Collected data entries

⁂

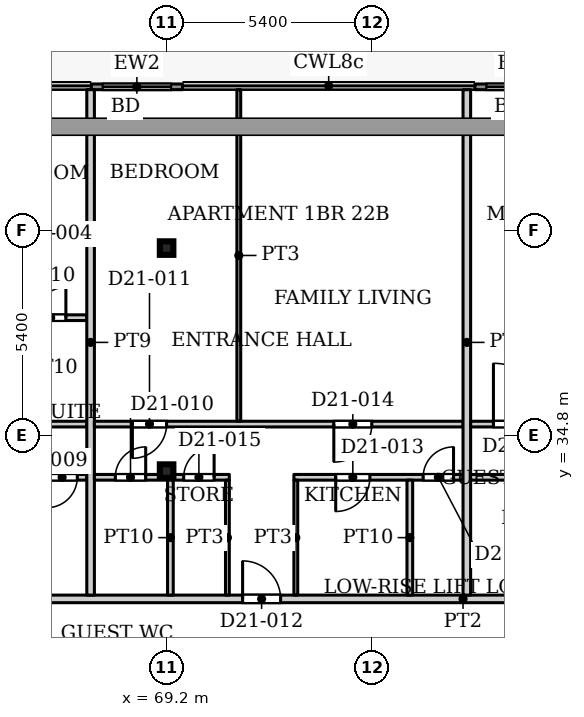
"""IFC4 building model, lengths in metres.
Left out: names, types, materials, properties, quantities, classifications, styles, units other than length and angle.
Written with IfcOpenShell. Run it as: python <this file> out.ifc"""

import sys

from ifc_helpers import new_model, si_unit, direction, frame, frame_2d, origin, origin_2d, place, context, subcontext, project, spatial, rectangle, hollow_rectangle, extrude, source, transform, mapped, element, fill, save


model = new_model("IFC4")
c1 = context("Model", 3, precision=1e-05, world=origin(), true_north=direction((0.0, 1.0)))
c2 = subcontext(c1, "Body", "Model", "MODEL_VIEW")
j1 = project(units=[si_unit("LENGTHUNIT", "METRE"), si_unit("PLANEANGLEUNIT", "RADIAN")], contexts=[c1])
p1 = place(None, origin())
s1 = spatial("IfcSite", under=j1, at=p1, CompositionType="ELEMENT")
p2 = place(p1, origin())
s2 = spatial("IfcBuilding", under=s1, at=p2, CompositionType="ELEMENT")
p3 = place(p2, frame((0.0, 0.0, 98.0)))
s3 = spatial("IfcBuildingStorey", under=s2, at=p3, CompositionType="ELEMENT", Elevation=98.0)
for number, where, z_axis, x_axis in (
    (1, (69.2, 33.863, 0.0), (0.0, 0.0, 1.0), (1.0, 0.0, 0.0)),
    (2, (69.2, 39.732, 0.0), (0.0, 0.0, 1.0), (1.0, 0.0, 0.0)),
):
    element("IfcColumn", number, at=place(p3, frame(where, z_axis=z_axis, x_axis=x_axis)), inside=s3, PredefinedType="COLUMN", context=c2, shape_type="SweptSolid", body=[
        extrude(hollow_rectangle(XDim=0.356, YDim=0.356, WallThickness=0.016, InnerFilletRadius=0.016, OuterFilletRadius=0.032, at=origin_2d()), origin(), (0.0, 0.0, 1.0), 3.9),
    ])
p4 = place(p3, frame((67.218, 43.975, 0.0), z_axis=(0.0, 0.0, 1.0), x_axis=(1.0, 0.0, 0.0)))
e3 = element("IfcWall", 3, at=p4, inside=s3, PredefinedType="SOLIDWALL", context=c2, shape_type="SweptSolid", body=[
    extrude(rectangle(XDim=2.4, YDim=0.15, at=frame_2d((1.2, 0.0))), origin(), (0.0, 0.0, 1.0), 3.75),
])
p5 = place(p4, frame((0.3, 0.0, 0.0)))
e4 = element("IfcOpeningElement", 4, at=p5, cuts=e3, PredefinedType="OPENING", context=c2, shape_type="SweptSolid", body=[
    extrude(rectangle(XDim=1.8, YDim=2.4, at=frame_2d((0.9, 1.2))), frame((0.0, 0.085, 0.0), z_axis=(0.0, -1.0, 0.0), x_axis=(1.0, 0.0, 0.0)), (0.0, 0.0, 1.0), 0.17),
])
p6 = place(p3, frame((77.312, 43.975, 0.0), z_axis=(0.0, 0.0, 1.0), x_axis=(1.0, 0.0, 0.0)))
e5 = element("IfcWall", 5, at=p6, inside=s3, PredefinedType="SOLIDWALL", context=c2, shape_type="SweptSolid", body=[
    extrude(rectangle(XDim=2.4, YDim=0.15, at=frame_2d((1.2, 0.0))), origin(), (0.0, 0.0, 1.0), 3.75),
])
p7 = place(p6, frame((0.3, 0.0, 0.0)))
e6 = element("IfcOpeningElement", 6, at=p7, cuts=e5, PredefinedType="OPENING", context=c2, shape_type="SweptSolid", body=[
    extrude(rectangle(XDim=1.8, YDim=2.4, at=frame_2d((0.9, 1.2))), frame((0.0, 0.085, 0.0), z_axis=(0.0, -1.0, 0.0), x_axis=(1.0, 0.0, 0.0)), (0.0, 0.0, 1.0), 0.17),
])
p8 = place(p3, frame((55.9, 30.5, 0.0), z_axis=(0.0, 0.0, 1.0), x_axis=(1.0, 0.0, 0.0)))
e7 = element("IfcWall", 7, at=p8, inside=s3, PredefinedType="PARTITIONING", context=c2, shape_type="SweptSolid", body=[
    extrude(rectangle(XDim=42.2, YDim=0.2, at=frame_2d((21.1, 0.0))), origin(), (0.0, 0.0, 1.0), 3.6),
])
p9 = place(p8, frame((2.7, 0.0, 0.0)))
e8 = element("IfcOpeningElement", 8, at=p9, cuts=e7, PredefinedType="OPENING", context=c2, shape_type="SweptSolid", body=[
    extrude(rectangle(XDim=1.0, YDim=2.1, at=frame_2d((0.5, 1.05))), frame((0.0, 0.11, 0.0), z_axis=(0.0, -1.0, 0.0), x_axis=(1.0, 0.0, 0.0)), (0.0, 0.0, 1.0), 0.22),
])
p10 = place(p8, frame((15.3, 0.0, 0.0)))
e9 = element("IfcOpeningElement", 9, at=p10, cuts=e7, PredefinedType="OPENING", context=c2, shape_type="SweptSolid", body=[
    extrude(rectangle(XDim=1.0, YDim=2.1, at=frame_2d((0.5, 1.05))), frame((0.0, 0.11, 0.0), z_axis=(0.0, -1.0, 0.0), x_axis=(1.0, 0.0, 0.0)), (0.0, 0.0, 1.0), 0.22),
])
p11 = place(p8, frame((33.3, 0.0, 0.0)))
e10 = element("IfcOpeningElement", 10, at=p11, cuts=e7, PredefinedType="OPENING", context=c2, shape_type="SweptSolid", body=[
    extrude(rectangle(XDim=1.0, YDim=2.1, at=frame_2d((0.5, 1.05))), frame((0.0, 0.11, 0.0), z_axis=(0.0, -1.0, 0.0), x_axis=(1.0, 0.0, 0.0)), (0.0, 0.0, 1.0), 0.22),
])
p12 = place(p3, frame((55.9, 35.1, 0.0), z_axis=(0.0, 0.0, 1.0), x_axis=(1.0, 0.0, 0.0)))
e11 = element("IfcWall", 11, at=p12, inside=s3, PredefinedType="PARTITIONING", context=c2, shape_type="SweptSolid", body=[
    extrude(rectangle(XDim=11.2, YDim=0.15, at=frame_2d((5.6, 0.0))), origin(), (0.0, 0.0, 1.0), 3.6),
])
p13 = place(p12, frame((1.4, 0.0, 0.0)))
e12 = element("IfcOpeningElement", 12, at=p13, cuts=e11, PredefinedType="OPENING", context=c2, shape_type="SweptSolid", body=[
    extrude(rectangle(XDim=0.9, YDim=2.1, at=frame_2d((0.45, 1.05))), frame((0.0, 0.085, 0.0), z_axis=(0.0, -1.0, 0.0), x_axis=(1.0, 0.0, 0.0)), (0.0, 0.0, 1.0), 0.17),
])
p14 = place(p12, frame((5.1, 0.0, 0.0)))
e13 = element("IfcOpeningElement", 13, at=p14, cuts=e11, PredefinedType="OPENING", context=c2, shape_type="SweptSolid", body=[
    extrude(rectangle(XDim=1.0, YDim=2.1, at=frame_2d((0.5, 1.05))), frame((0.0, 0.085, 0.0), z_axis=(0.0, -1.0, 0.0), x_axis=(1.0, 0.0, 0.0)), (0.0, 0.0, 1.0), 0.17),
])
p15 = place(p12, frame((7.85, 0.0, 0.0)))
e14 = element("IfcOpeningElement", 14, at=p15, cuts=e11, PredefinedType="OPENING", context=c2, shape_type="SweptSolid", body=[
    extrude(rectangle(XDim=0.9, YDim=2.1, at=frame_2d((0.45, 1.05))), frame((0.0, 0.085, 0.0), z_axis=(0.0, -1.0, 0.0), x_axis=(1.0, 0.0, 0.0)), (0.0, 0.0, 1.0), 0.17),
])
p16 = place(p3, frame((59.95, 33.7, 0.0), z_axis=(0.0, 0.0, 1.0), x_axis=(1.0, 0.0, 0.0)))
e15 = element("IfcWall", 15, at=p16, inside=s3, PredefinedType="PARTITIONING", context=c2, shape_type="SweptSolid", body=[
    extrude(rectangle(XDim=7.15, YDim=0.15, at=frame_2d((3.575, 0.0))), origin(), (0.0, 0.0, 1.0), 3.6),
])
p17 = place(p16, frame((4.15, 0.0, 0.0)))
e16 = element("IfcOpeningElement", 16, at=p17, cuts=e15, PredefinedType="OPENING", context=c2, shape_type="SweptSolid", body=[
    extrude(rectangle(XDim=0.8, YDim=2.1, at=frame_2d((0.4, 1.05))), frame((0.0, 0.085, 0.0), z_axis=(0.0, -1.0, 0.0), x_axis=(1.0, 0.0, 0.0)), (0.0, 0.0, 1.0), 0.17),
])
p18 = place(p16, frame((1.25, 0.0, 0.0)))
e17 = element("IfcOpeningElement", 17, at=p18, cuts=e15, PredefinedType="OPENING", context=c2, shape_type="SweptSolid", body=[
    extrude(rectangle(XDim=0.9, YDim=2.1, at=frame_2d((0.45, 1.05))), frame((0.0, 0.085, 0.0), z_axis=(0.0, -1.0, 0.0), x_axis=(1.0, 0.0, 0.0)), (0.0, 0.0, 1.0), 0.17),
])
p19 = place(p16, frame((6.1, 0.0, 0.0)))
e18 = element("IfcOpeningElement", 18, at=p19, cuts=e15, PredefinedType="OPENING", context=c2, shape_type="SweptSolid", body=[
    extrude(rectangle(XDim=0.8, YDim=2.1, at=frame_2d((0.4, 1.05))), frame((0.0, 0.085, 0.0), z_axis=(0.0, -1.0, 0.0), x_axis=(1.0, 0.0, 0.0)), (0.0, 0.0, 1.0), 0.17),
])
p20 = place(p3, frame((65.175, 37.9, 0.0), z_axis=(0.0, 0.0, 1.0), x_axis=(1.0, 0.0, 0.0)))
e19 = element("IfcWall", 19, at=p20, inside=s3, PredefinedType="PARTITIONING", context=c2, shape_type="SweptSolid", body=[
    extrude(rectangle(XDim=1.925, YDim=0.15, at=frame_2d((0.962, 0.0))), origin(), (0.0, 0.0, 1.0), 3.6),
])
p21 = place(p20, frame((0.575, 0.0, 0.0)))
e20 = element("IfcOpeningElement", 20, at=p21, cuts=e19, PredefinedType="OPENING", context=c2, shape_type="SweptSolid", body=[
    extrude(rectangle(XDim=0.8, YDim=2.1, at=frame_2d((0.4, 1.05))), frame((0.0, 0.085, 0.0), z_axis=(0.0, -1.0, 0.0), x_axis=(1.0, 0.0, 0.0)), (0.0, 0.0, 1.0), 0.17),
])
p22 = place(p3, frame((67.2, 30.6, 0.0), z_axis=(0.0, 0.0, 1.0), x_axis=(0.0, 1.0, 0.0)))
e21 = element("IfcWall", 21, at=p22, inside=s3, PredefinedType="PARTITIONING", context=c2, shape_type="SweptSolid", body=[
    extrude(rectangle(XDim=13.3, YDim=0.2, at=frame_2d((6.65, 0.0))), origin(), (0.0, 0.0, 1.0), 3.6),
])
p23 = place(p3, frame((67.3, 33.7, 0.0), z_axis=(0.0, 0.0, 1.0), x_axis=(1.0, 0.0, 0.0)))
e22 = element("IfcWall", 22, at=p23, inside=s3, PredefinedType="PARTITIONING", context=c2, shape_type="SweptSolid", body=[
    extrude(rectangle(XDim=3.55, YDim=0.15, at=frame_2d((1.775, 0.0))), origin(), (0.0, 0.0, 1.0), 3.6),
])
p24 = place(p23, frame((0.55, 0.0, 0.0)))
e23 = element("IfcOpeningElement", 23, at=p24, cuts=e22, PredefinedType="OPENING", context=c2, shape_type="SweptSolid", body=[
    extrude(rectangle(XDim=0.8, YDim=2.1, at=frame_2d((0.4, 1.05))), frame((0.0, 0.085, 0.0), z_axis=(0.0, -1.0, 0.0), x_axis=(1.0, 0.0, 0.0)), (0.0, 0.0, 1.0), 0.17),
])
p25 = place(p23, frame((2.35, 0.0, 0.0)))
e24 = element("IfcOpeningElement", 24, at=p25, cuts=e22, PredefinedType="OPENING", context=c2, shape_type="SweptSolid", body=[
    extrude(rectangle(XDim=0.8, YDim=2.1, at=frame_2d((0.4, 1.05))), frame((0.0, 0.085, 0.0), z_axis=(0.0, -1.0, 0.0), x_axis=(1.0, 0.0, 0.0)), (0.0, 0.0, 1.0), 0.17),
])
p26 = place(p3, frame((67.3, 35.1, 0.0), z_axis=(0.0, 0.0, 1.0), x_axis=(1.0, 0.0, 0.0)))
e25 = element("IfcWall", 25, at=p26, inside=s3, PredefinedType="PARTITIONING", context=c2, shape_type="SweptSolid", body=[
    extrude(rectangle(XDim=9.7, YDim=0.15, at=frame_2d((4.85, 0.0))), origin(), (0.0, 0.0, 1.0), 3.6),
])
p27 = place(p26, frame((1.0, 0.0, 0.0)))
e26 = element("IfcOpeningElement", 26, at=p27, cuts=e25, PredefinedType="OPENING", context=c2, shape_type="SweptSolid", body=[
    extrude(rectangle(XDim=0.9, YDim=2.1, at=frame_2d((0.45, 1.05))), frame((0.0, 0.085, 0.0), z_axis=(0.0, -1.0, 0.0), x_axis=(1.0, 0.0, 0.0)), (0.0, 0.0, 1.0), 0.17),
])
p28 = place(p26, frame((6.3, 0.0, 0.0)))
e27 = element("IfcOpeningElement", 27, at=p28, cuts=e25, PredefinedType="OPENING", context=c2, shape_type="SweptSolid", body=[
    extrude(rectangle(XDim=1.0, YDim=2.1, at=frame_2d((0.5, 1.05))), frame((0.0, 0.085, 0.0), z_axis=(0.0, -1.0, 0.0), x_axis=(1.0, 0.0, 0.0)), (0.0, 0.0, 1.0), 0.17),
])
p29 = place(p3, frame((69.3, 30.6, 0.0), z_axis=(0.0, 0.0, 1.0), x_axis=(0.0, 1.0, 0.0)))
e28 = element("IfcWall", 28, at=p29, inside=s3, PredefinedType="PARTITIONING", context=c2, shape_type="SweptSolid", body=[
    extrude(rectangle(XDim=3.025, YDim=0.15, at=frame_2d((1.512, 0.0))), origin(), (0.0, 0.0, 1.0), 3.6),
])
p30 = place(p3, frame((70.8, 30.6, 0.0), z_axis=(0.0, 0.0, 1.0), x_axis=(0.0, 1.0, 0.0)))
e29 = element("IfcWall", 29, at=p30, inside=s3, PredefinedType="PARTITIONING", context=c2, shape_type="SweptSolid", body=[
    extrude(rectangle(XDim=3.025, YDim=0.1, at=frame_2d((1.512, 0.0))), origin(), (0.0, 0.0, 1.0), 3.6),
])
p31 = place(p3, frame((71.1, 35.175, 0.0), z_axis=(0.0, 0.0, 1.0), x_axis=(0.0, 1.0, 0.0)))
e30 = element("IfcWall", 30, at=p31, inside=s3, PredefinedType="PARTITIONING", context=c2, shape_type="SweptSolid", body=[
    extrude(rectangle(XDim=8.725, YDim=0.1, at=frame_2d((4.362, 0.0))), origin(), (0.0, 0.0, 1.0), 3.6),
])
p32 = place(p3, frame((72.55, 33.7, 0.0), z_axis=(0.0, 0.0, 1.0), x_axis=(1.0, 0.0, 0.0)))
e31 = element("IfcWall", 31, at=p32, inside=s3, PredefinedType="PARTITIONING", context=c2, shape_type="SweptSolid", body=[
    extrude(rectangle(XDim=4.45, YDim=0.15, at=frame_2d((2.225, 0.0))), origin(), (0.0, 0.0, 1.0), 3.6),
])
p33 = place(p32, frame((1.1, 0.0, 0.0)))
e32 = element("IfcOpeningElement", 32, at=p33, cuts=e31, PredefinedType="OPENING", context=c2, shape_type="SweptSolid", body=[
    extrude(rectangle(XDim=0.9, YDim=2.1, at=frame_2d((0.45, 1.05))), frame((0.0, 0.085, 0.0), z_axis=(0.0, -1.0, 0.0), x_axis=(1.0, 0.0, 0.0)), (0.0, 0.0, 1.0), 0.17),
])
p34 = place(p32, frame((3.4, 0.0, 0.0)))
e33 = element("IfcOpeningElement", 33, at=p34, cuts=e31, PredefinedType="OPENING", context=c2, shape_type="SweptSolid", body=[
    extrude(rectangle(XDim=0.8, YDim=2.1, at=frame_2d((0.4, 1.05))), frame((0.0, 0.085, 0.0), z_axis=(0.0, -1.0, 0.0), x_axis=(1.0, 0.0, 0.0)), (0.0, 0.0, 1.0), 0.17),
])
p35 = place(p3, frame((72.6, 30.6, 0.0), z_axis=(0.0, 0.0, 1.0), x_axis=(0.0, 1.0, 0.0)))
e34 = element("IfcWall", 34, at=p35, inside=s3, PredefinedType="PARTITIONING", context=c2, shape_type="SweptSolid", body=[
    extrude(rectangle(XDim=3.025, YDim=0.1, at=frame_2d((1.512, 0.0))), origin(), (0.0, 0.0, 1.0), 3.6),
])
p36 = place(p3, frame((75.6, 30.6, 0.0), z_axis=(0.0, 0.0, 1.0), x_axis=(0.0, 1.0, 0.0)))
e35 = element("IfcWall", 35, at=p36, inside=s3, PredefinedType="PARTITIONING", context=c2, shape_type="SweptSolid", body=[
    extrude(rectangle(XDim=3.025, YDim=0.15, at=frame_2d((1.512, 0.0))), origin(), (0.0, 0.0, 1.0), 3.6),
])
p37 = place(p3, frame((77.1, 30.6, 0.0), z_axis=(0.0, 0.0, 1.0), x_axis=(0.0, 1.0, 0.0)))
e36 = element("IfcWall", 36, at=p37, inside=s3, PredefinedType="PARTITIONING", context=c2, shape_type="SweptSolid", body=[
    extrude(rectangle(XDim=13.3, YDim=0.2, at=frame_2d((6.65, 0.0))), origin(), (0.0, 0.0, 1.0), 3.6),
])
p38 = place(p3, frame((77.2, 33.7, 0.0), z_axis=(0.0, 0.0, 1.0), x_axis=(1.0, 0.0, 0.0)))
e37 = element("IfcWall", 37, at=p38, inside=s3, PredefinedType="PARTITIONING", context=c2, shape_type="SweptSolid", body=[
    extrude(rectangle(XDim=11.375, YDim=0.15, at=frame_2d((5.688, 0.0))), origin(), (0.0, 0.0, 1.0), 3.6),
])
p39 = place(p38, frame((9.4, 0.0, 0.0)))
e38 = element("IfcOpeningElement", 38, at=p39, cuts=e37, PredefinedType="OPENING", context=c2, shape_type="SweptSolid", body=[
    extrude(rectangle(XDim=0.8, YDim=2.1, at=frame_2d((0.4, 1.05))), frame((0.0, 0.085, 0.0), z_axis=(0.0, -1.0, 0.0), x_axis=(1.0, 0.0, 0.0)), (0.0, 0.0, 1.0), 0.17),
])
p40 = place(p38, frame((1.5, 0.0, 0.0)))
e39 = element("IfcOpeningElement", 39, at=p40, cuts=e37, PredefinedType="OPENING", context=c2, shape_type="SweptSolid", body=[
    extrude(rectangle(XDim=0.8, YDim=2.1, at=frame_2d((0.4, 1.05))), frame((0.0, 0.085, 0.0), z_axis=(0.0, -1.0, 0.0), x_axis=(1.0, 0.0, 0.0)), (0.0, 0.0, 1.0), 0.17),
])
p41 = place(p3, frame((77.2, 35.1, 0.0), z_axis=(0.0, 0.0, 1.0), x_axis=(1.0, 0.0, 0.0)))
e40 = element("IfcWall", 40, at=p41, inside=s3, PredefinedType="PARTITIONING", context=c2, shape_type="SweptSolid", body=[
    extrude(rectangle(XDim=22.7, YDim=0.15, at=frame_2d((11.35, 0.0))), origin(), (0.0, 0.0, 1.0), 3.6),
])
p42 = place(p41, frame((4.4, 0.0, 0.0)))
e41 = element("IfcOpeningElement", 41, at=p42, cuts=e40, PredefinedType="OPENING", context=c2, shape_type="SweptSolid", body=[
    extrude(rectangle(XDim=0.9, YDim=2.1, at=frame_2d((0.45, 1.05))), frame((0.0, 0.085, 0.0), z_axis=(0.0, -1.0, 0.0), x_axis=(1.0, 0.0, 0.0)), (0.0, 0.0, 1.0), 0.17),
])
p43 = place(p41, frame((8.3, 0.0, 0.0)))
e42 = element("IfcOpeningElement", 42, at=p43, cuts=e40, PredefinedType="OPENING", context=c2, shape_type="SweptSolid", body=[
    extrude(rectangle(XDim=0.9, YDim=2.1, at=frame_2d((0.45, 1.05))), frame((0.0, 0.085, 0.0), z_axis=(0.0, -1.0, 0.0), x_axis=(1.0, 0.0, 0.0)), (0.0, 0.0, 1.0), 0.17),
])
p44 = place(p41, frame((20.9, 0.0, 0.0)))
e43 = element("IfcOpeningElement", 43, at=p44, cuts=e40, PredefinedType="OPENING", context=c2, shape_type="SweptSolid", body=[
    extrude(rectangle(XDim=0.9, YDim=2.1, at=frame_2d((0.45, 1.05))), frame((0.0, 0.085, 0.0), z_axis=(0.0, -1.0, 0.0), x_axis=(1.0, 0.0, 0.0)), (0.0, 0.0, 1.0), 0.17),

⁂

▶ Task brief: Scan the entries above and show each line that contains the word "SOLIDWALL".

▶ Answer to the problem:
e3 = element("IfcWall", 3, at=p4, inside=s3, PredefinedType="SOLIDWALL", context=c2, shape_type="SweptSolid", body=[
e5 = element("IfcWall", 5, at=p6, inside=s3, PredefinedType="SOLIDWALL", context=c2, shape_type="SweptSolid", body=[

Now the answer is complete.